EXERCISE INSTRUCTIONS -
When you copy the data that follows, reproduce every word exactly and leave out the images.

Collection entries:
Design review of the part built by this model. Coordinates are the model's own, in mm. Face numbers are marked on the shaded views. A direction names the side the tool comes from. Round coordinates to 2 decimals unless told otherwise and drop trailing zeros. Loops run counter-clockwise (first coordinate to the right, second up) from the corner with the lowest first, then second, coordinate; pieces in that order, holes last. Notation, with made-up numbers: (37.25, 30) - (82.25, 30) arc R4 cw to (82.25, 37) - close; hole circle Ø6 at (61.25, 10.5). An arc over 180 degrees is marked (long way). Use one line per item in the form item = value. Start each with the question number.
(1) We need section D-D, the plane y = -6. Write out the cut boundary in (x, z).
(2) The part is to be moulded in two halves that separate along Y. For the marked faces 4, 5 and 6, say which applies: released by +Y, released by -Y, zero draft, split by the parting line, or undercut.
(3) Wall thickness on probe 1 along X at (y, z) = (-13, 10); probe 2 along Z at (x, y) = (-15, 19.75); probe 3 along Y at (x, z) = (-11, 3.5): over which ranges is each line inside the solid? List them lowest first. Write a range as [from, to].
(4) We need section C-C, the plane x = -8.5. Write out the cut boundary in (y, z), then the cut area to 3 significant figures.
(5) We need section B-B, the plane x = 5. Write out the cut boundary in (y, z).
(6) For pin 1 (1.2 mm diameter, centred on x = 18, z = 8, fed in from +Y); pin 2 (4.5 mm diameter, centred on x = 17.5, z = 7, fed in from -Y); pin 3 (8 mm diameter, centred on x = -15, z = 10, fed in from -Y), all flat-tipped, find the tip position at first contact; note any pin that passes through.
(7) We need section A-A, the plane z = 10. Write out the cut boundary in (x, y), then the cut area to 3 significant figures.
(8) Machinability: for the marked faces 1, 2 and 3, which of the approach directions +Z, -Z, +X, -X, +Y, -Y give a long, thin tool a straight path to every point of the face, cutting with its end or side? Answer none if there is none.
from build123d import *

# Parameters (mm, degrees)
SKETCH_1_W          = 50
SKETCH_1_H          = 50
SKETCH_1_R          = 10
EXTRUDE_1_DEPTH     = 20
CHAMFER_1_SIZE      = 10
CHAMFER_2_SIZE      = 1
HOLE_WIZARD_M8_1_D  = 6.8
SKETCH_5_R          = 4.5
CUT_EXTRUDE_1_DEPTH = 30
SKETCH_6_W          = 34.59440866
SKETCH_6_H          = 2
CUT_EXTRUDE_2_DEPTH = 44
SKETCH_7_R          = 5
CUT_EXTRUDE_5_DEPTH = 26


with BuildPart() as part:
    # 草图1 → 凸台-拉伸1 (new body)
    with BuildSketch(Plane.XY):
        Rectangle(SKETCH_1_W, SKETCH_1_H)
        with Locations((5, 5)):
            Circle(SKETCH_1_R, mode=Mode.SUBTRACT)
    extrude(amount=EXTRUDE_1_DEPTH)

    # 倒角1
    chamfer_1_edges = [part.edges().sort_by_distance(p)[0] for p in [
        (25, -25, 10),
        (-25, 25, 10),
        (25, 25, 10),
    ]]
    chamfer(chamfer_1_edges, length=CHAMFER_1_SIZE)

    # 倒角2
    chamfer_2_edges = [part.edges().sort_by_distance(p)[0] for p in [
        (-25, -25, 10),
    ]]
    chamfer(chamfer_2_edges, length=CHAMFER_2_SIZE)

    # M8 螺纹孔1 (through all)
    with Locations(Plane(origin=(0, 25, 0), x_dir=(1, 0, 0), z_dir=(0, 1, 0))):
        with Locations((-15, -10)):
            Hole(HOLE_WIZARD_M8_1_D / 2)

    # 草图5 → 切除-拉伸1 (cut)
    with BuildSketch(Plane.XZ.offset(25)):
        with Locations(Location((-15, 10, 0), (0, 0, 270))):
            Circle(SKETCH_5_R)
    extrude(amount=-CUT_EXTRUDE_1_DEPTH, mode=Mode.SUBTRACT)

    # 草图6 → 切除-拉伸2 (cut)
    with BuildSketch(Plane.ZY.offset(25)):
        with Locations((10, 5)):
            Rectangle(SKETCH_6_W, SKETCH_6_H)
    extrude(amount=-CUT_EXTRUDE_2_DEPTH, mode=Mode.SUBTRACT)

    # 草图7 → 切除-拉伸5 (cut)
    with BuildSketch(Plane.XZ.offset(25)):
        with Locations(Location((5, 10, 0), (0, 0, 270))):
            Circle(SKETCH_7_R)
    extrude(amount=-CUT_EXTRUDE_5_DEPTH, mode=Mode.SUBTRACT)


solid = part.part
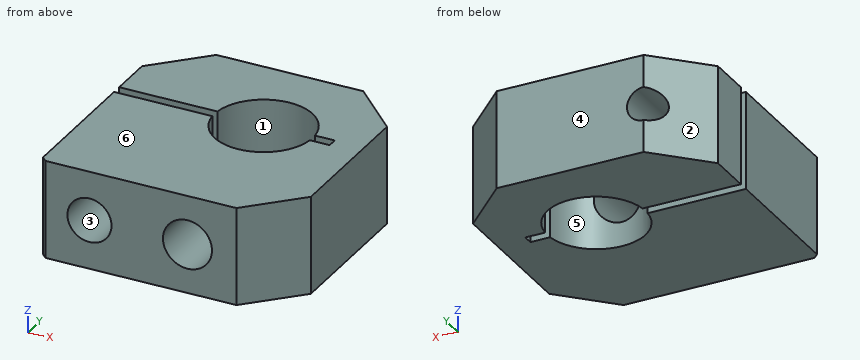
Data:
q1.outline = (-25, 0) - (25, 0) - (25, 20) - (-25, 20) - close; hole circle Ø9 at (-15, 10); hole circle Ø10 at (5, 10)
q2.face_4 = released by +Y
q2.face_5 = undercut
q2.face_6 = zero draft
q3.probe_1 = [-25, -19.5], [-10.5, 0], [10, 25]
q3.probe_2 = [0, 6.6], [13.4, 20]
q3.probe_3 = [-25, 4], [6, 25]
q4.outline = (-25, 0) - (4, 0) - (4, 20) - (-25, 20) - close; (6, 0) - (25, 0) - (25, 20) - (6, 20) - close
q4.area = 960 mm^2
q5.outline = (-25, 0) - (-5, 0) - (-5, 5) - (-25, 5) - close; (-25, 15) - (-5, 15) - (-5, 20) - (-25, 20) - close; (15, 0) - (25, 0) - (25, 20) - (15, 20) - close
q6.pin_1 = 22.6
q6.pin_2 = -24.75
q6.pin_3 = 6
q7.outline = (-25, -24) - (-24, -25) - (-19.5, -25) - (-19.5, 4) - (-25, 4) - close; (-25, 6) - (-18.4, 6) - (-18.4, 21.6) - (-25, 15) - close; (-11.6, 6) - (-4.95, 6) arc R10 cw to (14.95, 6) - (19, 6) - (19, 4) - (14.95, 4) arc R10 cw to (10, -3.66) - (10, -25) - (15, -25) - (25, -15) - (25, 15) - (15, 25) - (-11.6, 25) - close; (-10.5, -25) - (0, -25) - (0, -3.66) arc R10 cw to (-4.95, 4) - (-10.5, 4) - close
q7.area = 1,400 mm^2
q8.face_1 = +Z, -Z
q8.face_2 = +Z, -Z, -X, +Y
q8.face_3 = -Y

OUTPUT FOR THIS EXERCISE -
Design review of the part built by this model. Coordinates are the model's own, in mm. Face numbers are marked on the shaded views. A direction names the side the tool comes from. Round coordinates to 2 decimals unless told otherwise and drop trailing zeros. Loops run counter-clockwise (first coordinate to the right, second up) from the corner with the lowest first, then second, coordinate; pieces in that order, holes last. Notation, with made-up numbers: (37.25, 30) - (82.25, 30) arc R4 cw to (82.25, 37) - close; hole circle Ø6 at (61.25, 10.5). An arc over 180 degrees is marked (long way). Use one line per item in the form item = value. Start each with the question number.
(1) We need section D-D, the plane y = -6. Write out the cut boundary in (x, z).
(2) The part is to be moulded in two halves that separate along Y. For the marked faces 4, 5 and 6, say which applies: released by +Y, released by -Y, zero draft, split by the parting line, or undercut.
(3) Wall thickness on probe 1 along X at (y, z) = (-13, 10); probe 2 along Z at (x, y) = (-15, 19.75); probe 3 along Y at (x, z) = (-11, 3.5): over which ranges is each line inside the solid? List them lowest first. Write a range as [from, to].
(4) We need section C-C, the plane x = -8.5. Write out the cut boundary in (y, z), then the cut area to 3 significant figures.
(5) We need section B-B, the plane x = 5. Write out the cut boundary in (y, z).
(6) For pin 1 (1.2 mm diameter, centred on x = 18, z = 8, fed in from +Y); pin 2 (4.5 mm diameter, centred on x = 17.5, z = 7, fed in from -Y); pin 3 (8 mm diameter, centred on x = -15, z = 10, fed in from -Y), all flat-tipped, find the tip position at first contact; note any pin that passes through.
(7) We need section A-A, the plane z = 10. Write out the cut boundary in (x, y), then the cut area to 3 significant figures.
(8) Machinability: for the marked faces 1, 2 and 3, which of the approach directions +Z, -Z, +X, -X, +Y, -Y give a long, thin tool a straight path to every point of the face, cutting with its end or side? Answer none if there is none.
from build123d import *

# Parameters (mm, degrees)
SKETCH_1_W          = 50
SKETCH_1_H          = 50
SKETCH_1_R          = 10
EXTRUDE_1_DEPTH     = 20
CHAMFER_1_SIZE      = 10
CHAMFER_2_SIZE      = 1
HOLE_WIZARD_M8_1_D  = 6.8
SKETCH_5_R          = 4.5
CUT_EXTRUDE_1_DEPTH = 30
SKETCH_6_W          = 34.59440866
SKETCH_6_H          = 2
CUT_EXTRUDE_2_DEPTH = 44
SKETCH_7_R          = 5
CUT_EXTRUDE_5_DEPTH = 26


with BuildPart() as part:
    # 草图1 → 凸台-拉伸1 (new body)
    with BuildSketch(Plane.XY):
        Rectangle(SKETCH_1_W, SKETCH_1_H)
        with Locations((5, 5)):
            Circle(SKETCH_1_R, mode=Mode.SUBTRACT)
    extrude(amount=EXTRUDE_1_DEPTH)

    # 倒角1
    chamfer_1_edges = [part.edges().sort_by_distance(p)[0] for p in [
        (25, -25, 10),
        (-25, 25, 10),
        (25, 25, 10),
    ]]
    chamfer(chamfer_1_edges, length=CHAMFER_1_SIZE)

    # 倒角2
    chamfer_2_edges = [part.edges().sort_by_distance(p)[0] for p in [
        (-25, -25, 10),
    ]]
    chamfer(chamfer_2_edges, length=CHAMFER_2_SIZE)

    # M8 螺纹孔1 (through all)
    with Locations(Plane(origin=(0, 25, 0), x_dir=(1, 0, 0), z_dir=(0, 1, 0))):
        with Locations((-15, -10)):
            Hole(HOLE_WIZARD_M8_1_D / 2)

    # 草图5 → 切除-拉伸1 (cut)
    with BuildSketch(Plane.XZ.offset(25)):
        with Locations(Location((-15, 10, 0), (0, 0, 270))):
            Circle(SKETCH_5_R)
    extrude(amount=-CUT_EXTRUDE_1_DEPTH, mode=Mode.SUBTRACT)

    # 草图6 → 切除-拉伸2 (cut)
    with BuildSketch(Plane.ZY.offset(25)):
        with Locations((10, 5)):
            Rectangle(SKETCH_6_W, SKETCH_6_H)
    extrude(amount=-CUT_EXTRUDE_2_DEPTH, mode=Mode.SUBTRACT)

    # 草图7 → 切除-拉伸5 (cut)
    with BuildSketch(Plane.XZ.offset(25)):
        with Locations(Location((5, 10, 0), (0, 0, 270))):
            Circle(SKETCH_7_R)
    extrude(amount=-CUT_EXTRUDE_5_DEPTH, mode=Mode.SUBTRACT)


solid = part.part
Data:
q1.outline = (-25, 0) - (25, 0) - (25, 20) - (-25, 20) - close; hole circle Ø9 at (-15, 10); hole circle Ø10 at (5, 10)
q2.face_4 = released by +Y
q2.face_5 = undercut
q2.face_6 = zero draft
q3.probe_1 = [-25, -19.5], [-10.5, 0], [10, 25]
q3.probe_2 = [0, 6.6], [13.4, 20]
q3.probe_3 = [-25, 4], [6, 25]
q4.outline = (-25, 0) - (4, 0) - (4, 20) - (-25, 20) - close; (6, 0) - (25, 0) - (25, 20) - (6, 20) - close
q4.area = 960 mm^2
q5.outline = (-25, 0) - (-5, 0) - (-5, 5) - (-25, 5) - close; (-25, 15) - (-5, 15) - (-5, 20) - (-25, 20) - close; (15, 0) - (25, 0) - (25, 20) - (15, 20) - close
q6.pin_1 = 22.6
q6.pin_2 = -24.75
q6.pin_3 = 6
q7.outline = (-25, -24) - (-24, -25) - (-19.5, -25) - (-19.5, 4) - (-25, 4) - close; (-25, 6) - (-18.4, 6) - (-18.4, 21.6) - (-25, 15) - close; (-11.6, 6) - (-4.95, 6) arc R10 cw to (14.95, 6) - (19, 6) - (19, 4) - (14.95, 4) arc R10 cw to (10, -3.66) - (10, -25) - (15, -25) - (25, -15) - (25, 15) - (15, 25) - (-11.6, 25) - close; (-10.5, -25) - (0, -25) - (0, -3.66) arc R10 cw to (-4.95, 4) - (-10.5, 4) - close
q7.area = 1,400 mm^2
q8.face_1 = +Z, -Z
q8.face_2 = +Z, -Z, -X, +Y
q8.face_3 = -Y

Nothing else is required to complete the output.